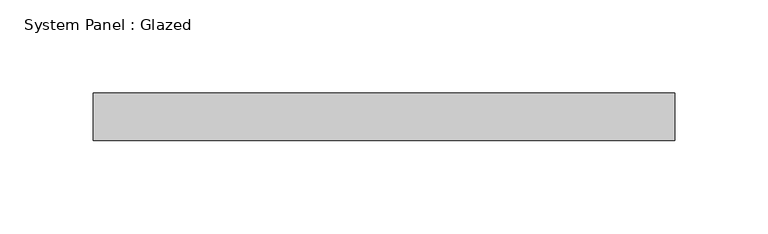
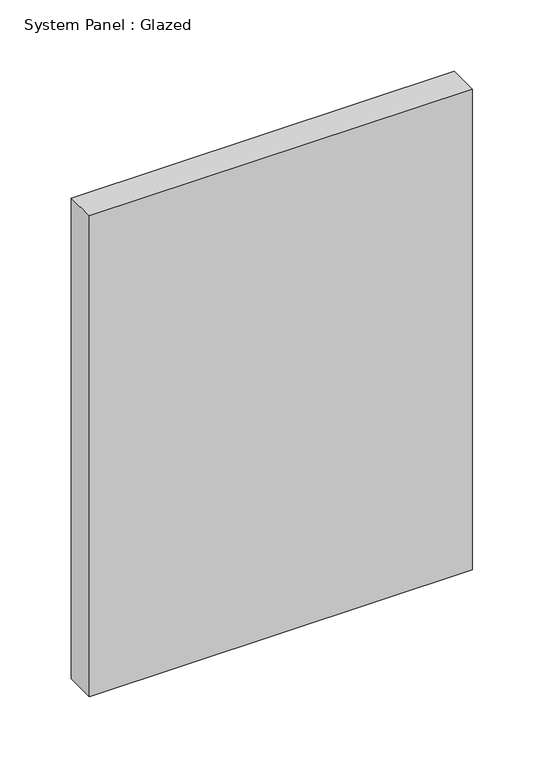
"""IFC4 building model written with IfcOpenShell, lengths in millimetres: plate geometry, System Panel : Glazed."""

from ifc_helpers import new_model, si_unit, origin, origin_with_axes, place, context, project, spatial, polyline, outline, extrude, source, transform, mapped, element, save


def system_panel_glazed_bc497e33(model_context):
    return source(origin(), model_context, "Body", "SweptSolid", [
        extrude(outline(polyline([(155.575, 19.05), (-155.575, 19.05), (-155.575, 44.45), (155.575, 44.45), (155.575, 19.05)])), origin_with_axes(), (0.0, 0.0, 1.0), 412.75),
    ])


if __name__ == "__main__":
    model = new_model("IFC4")
    model_context = context("Model", 3, world=origin())
    ifc_project = project(units=[si_unit("LENGTHUNIT", "METRE", prefix="MILLI")], contexts=[model_context])
    site = spatial("IfcSite", under=ifc_project)
    building = spatial("IfcBuilding", under=site)
    placement = place(None, origin())
    system_panel_glazed_shape = system_panel_glazed_bc497e33(model_context)
    element("IfcPlate", 1, ObjectType="System Panel : Glazed", at=placement, inside=building, context=model_context, shape_type="MappedRepresentation", body=[
        mapped(system_panel_glazed_shape, transform((0.0, 0.0, 0.0), x_axis=(1.0, 0.0, 0.0), y_axis=(0.0, 1.0, 0.0), z_axis=(0.0, 0.0, 1.0))),
    ])
    save(model, "model.ifc")

# Revit data of these elements
# Type "System Panel : Glazed"
#   Construction Type Id = "GSP4R"
#   Analytic Construction = "1/8 in Pilkington single glazing"
#   Visual Light Transmittance = 0.9
#   Solar Heat Gain Coefficient = 0.86
#   Heat Transfer Coefficient (U) = 1.18115 BTU/(h·ft²·°F)
#   Define Thermal Properties by = 1
# Element 1 (IfcPlate, "System Panel : Glazed")
#   Materials on its faces: "Glass"
# Materials
#   "Glass": class "Glass", colour RGB 0 128 192, transparency 0.75, Description = "Soda Lime Glass", Cost = 0

#### Task objective
Which lines of the records contain "Construction"? Show each of them.

#### Task output
#   Construction Type Id = "GSP4R"
#   Analytic Construction = "1/8 in Pilkington single glazing"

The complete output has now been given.